[Dataset excerpts]

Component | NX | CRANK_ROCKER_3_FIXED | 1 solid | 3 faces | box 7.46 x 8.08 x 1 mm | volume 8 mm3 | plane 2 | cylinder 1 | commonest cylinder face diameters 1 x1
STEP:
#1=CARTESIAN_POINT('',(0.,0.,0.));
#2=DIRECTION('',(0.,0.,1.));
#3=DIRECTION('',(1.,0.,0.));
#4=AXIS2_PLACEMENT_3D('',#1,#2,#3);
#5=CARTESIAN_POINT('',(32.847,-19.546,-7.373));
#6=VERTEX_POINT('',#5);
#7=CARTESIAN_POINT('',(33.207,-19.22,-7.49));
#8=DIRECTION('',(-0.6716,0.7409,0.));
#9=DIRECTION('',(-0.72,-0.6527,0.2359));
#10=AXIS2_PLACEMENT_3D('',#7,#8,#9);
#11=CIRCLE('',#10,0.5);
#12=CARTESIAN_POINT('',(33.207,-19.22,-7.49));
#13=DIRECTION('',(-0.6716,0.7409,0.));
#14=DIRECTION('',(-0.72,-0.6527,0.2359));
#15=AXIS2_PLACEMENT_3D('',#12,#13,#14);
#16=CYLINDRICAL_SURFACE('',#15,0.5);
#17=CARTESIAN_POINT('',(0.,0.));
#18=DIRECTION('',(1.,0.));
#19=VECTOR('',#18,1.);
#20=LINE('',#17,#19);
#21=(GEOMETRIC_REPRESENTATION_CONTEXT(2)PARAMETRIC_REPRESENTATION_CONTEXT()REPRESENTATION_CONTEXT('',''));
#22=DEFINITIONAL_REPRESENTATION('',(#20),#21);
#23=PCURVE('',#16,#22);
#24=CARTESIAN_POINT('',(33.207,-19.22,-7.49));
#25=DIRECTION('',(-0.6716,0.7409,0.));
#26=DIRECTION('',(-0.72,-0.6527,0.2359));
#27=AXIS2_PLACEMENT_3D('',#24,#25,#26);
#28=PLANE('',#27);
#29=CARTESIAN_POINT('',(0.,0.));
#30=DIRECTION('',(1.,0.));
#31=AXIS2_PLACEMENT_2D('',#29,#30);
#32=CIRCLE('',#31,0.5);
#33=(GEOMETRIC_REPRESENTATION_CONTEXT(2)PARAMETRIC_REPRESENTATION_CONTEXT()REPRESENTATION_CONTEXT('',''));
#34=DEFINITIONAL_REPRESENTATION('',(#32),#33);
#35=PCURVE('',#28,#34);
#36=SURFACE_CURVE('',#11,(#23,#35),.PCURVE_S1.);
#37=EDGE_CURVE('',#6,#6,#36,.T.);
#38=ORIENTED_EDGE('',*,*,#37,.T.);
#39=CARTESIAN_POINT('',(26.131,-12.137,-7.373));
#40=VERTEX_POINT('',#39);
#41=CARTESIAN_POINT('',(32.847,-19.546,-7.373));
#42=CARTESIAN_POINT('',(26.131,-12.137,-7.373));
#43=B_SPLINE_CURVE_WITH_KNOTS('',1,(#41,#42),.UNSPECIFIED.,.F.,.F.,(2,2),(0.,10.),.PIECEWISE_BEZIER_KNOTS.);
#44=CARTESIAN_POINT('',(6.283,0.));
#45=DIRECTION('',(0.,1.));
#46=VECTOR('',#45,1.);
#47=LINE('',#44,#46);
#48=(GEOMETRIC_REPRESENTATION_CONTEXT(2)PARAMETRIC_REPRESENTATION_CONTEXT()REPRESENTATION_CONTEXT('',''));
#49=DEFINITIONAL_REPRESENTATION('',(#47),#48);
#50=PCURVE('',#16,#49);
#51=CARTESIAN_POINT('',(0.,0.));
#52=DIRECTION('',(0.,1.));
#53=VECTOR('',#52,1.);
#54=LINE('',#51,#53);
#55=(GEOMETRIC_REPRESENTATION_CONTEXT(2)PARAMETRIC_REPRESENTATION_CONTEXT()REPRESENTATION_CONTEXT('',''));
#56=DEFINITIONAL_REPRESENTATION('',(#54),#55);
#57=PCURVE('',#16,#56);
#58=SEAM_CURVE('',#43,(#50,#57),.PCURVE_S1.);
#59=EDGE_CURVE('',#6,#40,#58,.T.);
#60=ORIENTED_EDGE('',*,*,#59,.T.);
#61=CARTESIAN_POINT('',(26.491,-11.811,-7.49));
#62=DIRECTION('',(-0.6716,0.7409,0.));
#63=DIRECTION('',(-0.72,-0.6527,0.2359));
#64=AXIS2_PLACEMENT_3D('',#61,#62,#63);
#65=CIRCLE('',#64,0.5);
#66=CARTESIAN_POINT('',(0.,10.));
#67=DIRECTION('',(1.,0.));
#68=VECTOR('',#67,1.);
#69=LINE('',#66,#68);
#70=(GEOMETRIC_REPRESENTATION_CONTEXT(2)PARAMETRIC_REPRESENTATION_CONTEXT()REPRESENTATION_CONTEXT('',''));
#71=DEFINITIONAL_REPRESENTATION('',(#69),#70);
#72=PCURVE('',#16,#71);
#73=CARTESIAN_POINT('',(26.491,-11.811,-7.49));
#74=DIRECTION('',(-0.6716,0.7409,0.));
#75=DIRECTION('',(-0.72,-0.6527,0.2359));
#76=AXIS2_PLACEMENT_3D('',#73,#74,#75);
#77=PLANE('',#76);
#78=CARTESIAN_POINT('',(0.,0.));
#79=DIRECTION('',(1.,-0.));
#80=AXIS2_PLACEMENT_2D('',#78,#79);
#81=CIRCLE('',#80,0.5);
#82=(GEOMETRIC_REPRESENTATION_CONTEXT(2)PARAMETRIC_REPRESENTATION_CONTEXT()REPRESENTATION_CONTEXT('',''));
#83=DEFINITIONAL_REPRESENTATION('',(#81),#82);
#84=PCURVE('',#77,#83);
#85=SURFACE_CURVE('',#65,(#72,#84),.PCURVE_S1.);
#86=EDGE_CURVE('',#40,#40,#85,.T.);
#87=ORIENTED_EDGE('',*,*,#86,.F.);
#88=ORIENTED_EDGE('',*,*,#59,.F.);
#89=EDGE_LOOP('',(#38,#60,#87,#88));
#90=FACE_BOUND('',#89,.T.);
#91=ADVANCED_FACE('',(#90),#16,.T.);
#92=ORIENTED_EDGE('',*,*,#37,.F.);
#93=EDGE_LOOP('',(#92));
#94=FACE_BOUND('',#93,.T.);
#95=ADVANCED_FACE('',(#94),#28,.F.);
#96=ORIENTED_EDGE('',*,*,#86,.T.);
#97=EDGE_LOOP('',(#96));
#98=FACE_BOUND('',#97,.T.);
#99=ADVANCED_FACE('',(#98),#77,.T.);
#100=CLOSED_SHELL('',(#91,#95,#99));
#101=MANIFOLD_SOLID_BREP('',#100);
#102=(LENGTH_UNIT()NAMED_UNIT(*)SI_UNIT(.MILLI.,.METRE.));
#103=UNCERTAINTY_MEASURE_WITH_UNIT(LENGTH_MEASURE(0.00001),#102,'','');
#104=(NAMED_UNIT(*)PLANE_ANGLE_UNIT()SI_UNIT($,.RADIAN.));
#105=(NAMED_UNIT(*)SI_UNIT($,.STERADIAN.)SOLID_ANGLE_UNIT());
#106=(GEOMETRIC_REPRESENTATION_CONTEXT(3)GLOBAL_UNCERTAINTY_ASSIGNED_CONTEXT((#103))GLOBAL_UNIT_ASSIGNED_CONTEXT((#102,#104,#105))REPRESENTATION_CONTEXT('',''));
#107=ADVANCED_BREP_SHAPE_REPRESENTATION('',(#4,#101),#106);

*Task prompt*: Working through the records above, copy each line in which "CIRCLE" is found.

*Exercise output*:
#11=CIRCLE('',#10,0.5);
#32=CIRCLE('',#31,0.5);
#65=CIRCLE('',#64,0.5);
#81=CIRCLE('',#80,0.5);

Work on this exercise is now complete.